What to produce:
Show each line of the records in which the word "contexts" occurs.
[[ Listed entries open ]]
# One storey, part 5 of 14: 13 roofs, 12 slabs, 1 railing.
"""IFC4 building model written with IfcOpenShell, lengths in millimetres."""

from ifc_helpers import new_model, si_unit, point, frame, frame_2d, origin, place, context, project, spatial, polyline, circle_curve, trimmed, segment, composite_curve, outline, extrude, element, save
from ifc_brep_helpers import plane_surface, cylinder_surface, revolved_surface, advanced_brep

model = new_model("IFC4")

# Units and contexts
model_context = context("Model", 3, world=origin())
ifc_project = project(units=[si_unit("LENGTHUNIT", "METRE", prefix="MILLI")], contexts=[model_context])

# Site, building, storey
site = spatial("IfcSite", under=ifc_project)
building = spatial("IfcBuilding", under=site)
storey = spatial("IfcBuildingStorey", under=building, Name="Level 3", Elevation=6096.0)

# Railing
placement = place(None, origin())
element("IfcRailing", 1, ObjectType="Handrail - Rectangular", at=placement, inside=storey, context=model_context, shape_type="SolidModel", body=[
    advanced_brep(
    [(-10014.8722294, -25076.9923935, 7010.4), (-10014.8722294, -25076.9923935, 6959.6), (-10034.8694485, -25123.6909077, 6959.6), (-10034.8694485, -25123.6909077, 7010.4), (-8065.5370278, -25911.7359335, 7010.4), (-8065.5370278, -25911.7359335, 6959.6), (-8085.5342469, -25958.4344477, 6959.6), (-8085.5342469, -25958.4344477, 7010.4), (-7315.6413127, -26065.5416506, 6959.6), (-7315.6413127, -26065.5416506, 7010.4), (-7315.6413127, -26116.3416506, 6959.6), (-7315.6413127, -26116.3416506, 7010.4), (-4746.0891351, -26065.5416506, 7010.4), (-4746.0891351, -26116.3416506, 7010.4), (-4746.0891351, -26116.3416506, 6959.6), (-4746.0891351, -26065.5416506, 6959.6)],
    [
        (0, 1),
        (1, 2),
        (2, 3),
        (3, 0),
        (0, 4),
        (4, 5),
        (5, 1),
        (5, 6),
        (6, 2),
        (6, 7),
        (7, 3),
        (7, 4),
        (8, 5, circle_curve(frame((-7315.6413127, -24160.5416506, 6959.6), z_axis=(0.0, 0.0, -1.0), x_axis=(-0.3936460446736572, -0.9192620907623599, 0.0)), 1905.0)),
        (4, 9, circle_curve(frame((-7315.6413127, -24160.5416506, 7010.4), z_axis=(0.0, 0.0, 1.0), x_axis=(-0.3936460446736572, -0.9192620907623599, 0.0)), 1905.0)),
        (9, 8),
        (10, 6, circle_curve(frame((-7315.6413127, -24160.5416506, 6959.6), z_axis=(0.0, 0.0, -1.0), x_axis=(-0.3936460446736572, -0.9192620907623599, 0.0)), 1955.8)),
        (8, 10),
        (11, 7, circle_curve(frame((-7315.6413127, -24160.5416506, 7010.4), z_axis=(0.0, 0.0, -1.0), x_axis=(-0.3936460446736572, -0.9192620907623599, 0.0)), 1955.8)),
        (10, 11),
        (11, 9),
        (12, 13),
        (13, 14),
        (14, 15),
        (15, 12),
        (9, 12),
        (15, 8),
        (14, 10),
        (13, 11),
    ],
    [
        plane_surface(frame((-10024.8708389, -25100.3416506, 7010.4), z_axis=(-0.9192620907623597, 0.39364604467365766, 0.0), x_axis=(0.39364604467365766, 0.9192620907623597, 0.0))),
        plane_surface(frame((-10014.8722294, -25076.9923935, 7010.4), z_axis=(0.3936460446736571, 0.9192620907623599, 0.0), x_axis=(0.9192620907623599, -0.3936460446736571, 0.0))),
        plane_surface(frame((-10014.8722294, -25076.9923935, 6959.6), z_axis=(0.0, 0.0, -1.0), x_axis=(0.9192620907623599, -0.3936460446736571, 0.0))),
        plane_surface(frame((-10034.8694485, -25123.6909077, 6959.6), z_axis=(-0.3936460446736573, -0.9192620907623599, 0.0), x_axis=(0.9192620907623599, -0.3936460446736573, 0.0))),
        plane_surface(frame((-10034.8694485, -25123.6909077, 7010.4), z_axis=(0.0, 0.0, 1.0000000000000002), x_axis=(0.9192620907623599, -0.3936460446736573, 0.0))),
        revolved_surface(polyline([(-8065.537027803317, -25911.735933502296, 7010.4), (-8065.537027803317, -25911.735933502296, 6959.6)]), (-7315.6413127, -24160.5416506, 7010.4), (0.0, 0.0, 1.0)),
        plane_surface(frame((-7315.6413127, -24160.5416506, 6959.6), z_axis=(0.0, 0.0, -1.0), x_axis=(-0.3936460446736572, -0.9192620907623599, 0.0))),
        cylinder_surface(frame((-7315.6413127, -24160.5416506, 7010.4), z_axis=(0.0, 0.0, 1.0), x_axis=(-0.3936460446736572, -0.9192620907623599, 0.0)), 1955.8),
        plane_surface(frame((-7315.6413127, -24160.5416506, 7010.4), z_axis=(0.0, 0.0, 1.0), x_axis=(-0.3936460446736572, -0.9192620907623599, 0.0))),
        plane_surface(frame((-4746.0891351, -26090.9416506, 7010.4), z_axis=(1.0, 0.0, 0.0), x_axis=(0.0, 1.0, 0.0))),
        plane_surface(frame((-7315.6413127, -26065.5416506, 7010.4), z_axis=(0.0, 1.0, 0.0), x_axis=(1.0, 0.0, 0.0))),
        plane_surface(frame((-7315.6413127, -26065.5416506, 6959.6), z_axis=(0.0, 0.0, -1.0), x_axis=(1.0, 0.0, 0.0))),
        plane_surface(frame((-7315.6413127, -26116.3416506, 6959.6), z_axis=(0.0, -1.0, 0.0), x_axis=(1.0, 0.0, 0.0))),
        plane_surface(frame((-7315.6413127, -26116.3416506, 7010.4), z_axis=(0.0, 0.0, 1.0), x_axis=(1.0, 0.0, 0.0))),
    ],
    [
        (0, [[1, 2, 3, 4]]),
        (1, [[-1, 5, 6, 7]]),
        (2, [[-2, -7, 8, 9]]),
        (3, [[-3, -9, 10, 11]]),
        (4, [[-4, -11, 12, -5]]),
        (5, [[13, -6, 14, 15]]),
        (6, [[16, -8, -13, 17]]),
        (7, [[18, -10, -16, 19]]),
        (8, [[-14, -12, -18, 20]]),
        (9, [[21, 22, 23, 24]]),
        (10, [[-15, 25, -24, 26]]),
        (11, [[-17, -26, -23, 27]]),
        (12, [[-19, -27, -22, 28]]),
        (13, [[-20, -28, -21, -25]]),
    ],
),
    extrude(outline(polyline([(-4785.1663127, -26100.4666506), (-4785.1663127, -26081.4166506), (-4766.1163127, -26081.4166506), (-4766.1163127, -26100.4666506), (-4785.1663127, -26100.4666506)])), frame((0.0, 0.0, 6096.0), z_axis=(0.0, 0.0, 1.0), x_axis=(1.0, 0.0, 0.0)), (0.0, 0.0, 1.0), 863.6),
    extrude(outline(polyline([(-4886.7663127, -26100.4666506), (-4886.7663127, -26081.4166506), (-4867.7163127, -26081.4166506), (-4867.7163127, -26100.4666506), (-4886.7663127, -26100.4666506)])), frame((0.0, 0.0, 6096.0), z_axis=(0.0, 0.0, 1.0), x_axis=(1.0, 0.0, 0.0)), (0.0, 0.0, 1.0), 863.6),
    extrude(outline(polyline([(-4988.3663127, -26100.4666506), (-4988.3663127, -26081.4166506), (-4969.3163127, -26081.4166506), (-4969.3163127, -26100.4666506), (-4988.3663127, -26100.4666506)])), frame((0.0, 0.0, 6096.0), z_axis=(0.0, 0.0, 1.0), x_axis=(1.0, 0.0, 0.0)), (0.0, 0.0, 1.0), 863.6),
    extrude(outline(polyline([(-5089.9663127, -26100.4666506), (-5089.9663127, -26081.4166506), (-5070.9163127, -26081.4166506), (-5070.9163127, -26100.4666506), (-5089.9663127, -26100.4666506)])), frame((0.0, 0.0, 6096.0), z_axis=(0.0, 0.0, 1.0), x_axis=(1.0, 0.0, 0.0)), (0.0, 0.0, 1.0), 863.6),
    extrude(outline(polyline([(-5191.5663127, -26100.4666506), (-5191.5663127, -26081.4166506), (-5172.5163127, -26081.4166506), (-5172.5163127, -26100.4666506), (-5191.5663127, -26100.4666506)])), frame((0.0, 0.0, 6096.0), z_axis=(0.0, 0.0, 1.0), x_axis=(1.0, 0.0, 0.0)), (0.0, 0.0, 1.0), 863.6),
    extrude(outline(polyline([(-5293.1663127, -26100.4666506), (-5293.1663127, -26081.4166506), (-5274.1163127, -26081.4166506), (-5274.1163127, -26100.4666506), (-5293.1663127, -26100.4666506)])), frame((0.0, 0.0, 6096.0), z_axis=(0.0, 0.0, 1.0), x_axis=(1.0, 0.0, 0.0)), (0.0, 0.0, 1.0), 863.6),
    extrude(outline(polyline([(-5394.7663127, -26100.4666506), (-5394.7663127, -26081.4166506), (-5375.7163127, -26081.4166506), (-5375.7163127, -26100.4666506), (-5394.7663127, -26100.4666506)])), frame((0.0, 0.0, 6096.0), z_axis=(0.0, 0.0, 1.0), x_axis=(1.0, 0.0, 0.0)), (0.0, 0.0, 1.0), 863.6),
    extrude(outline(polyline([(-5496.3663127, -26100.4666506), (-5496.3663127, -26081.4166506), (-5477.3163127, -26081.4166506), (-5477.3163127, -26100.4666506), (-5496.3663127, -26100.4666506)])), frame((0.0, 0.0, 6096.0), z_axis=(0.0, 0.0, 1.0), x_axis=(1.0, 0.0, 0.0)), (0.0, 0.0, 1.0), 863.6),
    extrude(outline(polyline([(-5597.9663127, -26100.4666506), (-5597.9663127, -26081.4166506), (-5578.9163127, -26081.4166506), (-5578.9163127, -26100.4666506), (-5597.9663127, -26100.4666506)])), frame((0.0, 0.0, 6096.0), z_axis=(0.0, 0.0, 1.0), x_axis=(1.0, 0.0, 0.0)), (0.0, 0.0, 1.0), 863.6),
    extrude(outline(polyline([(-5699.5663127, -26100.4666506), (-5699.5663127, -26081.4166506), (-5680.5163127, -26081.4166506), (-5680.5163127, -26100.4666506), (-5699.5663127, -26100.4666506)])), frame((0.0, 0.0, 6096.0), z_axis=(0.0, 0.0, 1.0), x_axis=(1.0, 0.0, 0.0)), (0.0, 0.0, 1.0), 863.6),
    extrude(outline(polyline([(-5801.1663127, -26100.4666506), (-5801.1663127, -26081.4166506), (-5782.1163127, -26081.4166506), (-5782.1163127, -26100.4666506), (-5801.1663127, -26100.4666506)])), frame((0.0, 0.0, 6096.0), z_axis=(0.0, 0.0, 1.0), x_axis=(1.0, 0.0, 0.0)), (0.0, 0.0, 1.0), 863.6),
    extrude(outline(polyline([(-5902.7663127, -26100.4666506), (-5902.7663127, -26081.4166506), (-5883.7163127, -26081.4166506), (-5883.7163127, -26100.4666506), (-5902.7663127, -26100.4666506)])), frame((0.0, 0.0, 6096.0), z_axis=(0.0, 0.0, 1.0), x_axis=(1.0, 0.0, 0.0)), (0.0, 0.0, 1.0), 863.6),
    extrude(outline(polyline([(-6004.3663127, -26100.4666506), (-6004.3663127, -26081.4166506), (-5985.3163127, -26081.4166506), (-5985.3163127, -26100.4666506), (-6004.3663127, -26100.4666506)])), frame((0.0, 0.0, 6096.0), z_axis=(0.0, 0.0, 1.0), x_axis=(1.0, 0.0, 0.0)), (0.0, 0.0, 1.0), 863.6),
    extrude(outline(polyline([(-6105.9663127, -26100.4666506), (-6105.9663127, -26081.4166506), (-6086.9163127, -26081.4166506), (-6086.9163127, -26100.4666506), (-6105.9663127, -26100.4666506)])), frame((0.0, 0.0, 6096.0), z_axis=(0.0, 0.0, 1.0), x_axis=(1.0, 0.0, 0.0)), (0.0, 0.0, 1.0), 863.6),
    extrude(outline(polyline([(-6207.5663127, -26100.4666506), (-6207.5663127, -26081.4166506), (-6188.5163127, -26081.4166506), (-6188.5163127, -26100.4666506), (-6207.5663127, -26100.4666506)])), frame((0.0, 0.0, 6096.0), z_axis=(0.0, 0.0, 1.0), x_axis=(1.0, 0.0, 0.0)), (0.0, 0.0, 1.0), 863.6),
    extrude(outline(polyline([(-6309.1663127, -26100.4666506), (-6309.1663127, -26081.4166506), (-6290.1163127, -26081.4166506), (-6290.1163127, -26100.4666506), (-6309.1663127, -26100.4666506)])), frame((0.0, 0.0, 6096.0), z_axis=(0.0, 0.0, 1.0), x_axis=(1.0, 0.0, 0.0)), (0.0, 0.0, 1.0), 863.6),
[[ Listed entries closed ]]
The completed task:
# Units and contexts
ifc_project = project(units=[si_unit("LENGTHUNIT", "METRE", prefix="MILLI")], contexts=[model_context])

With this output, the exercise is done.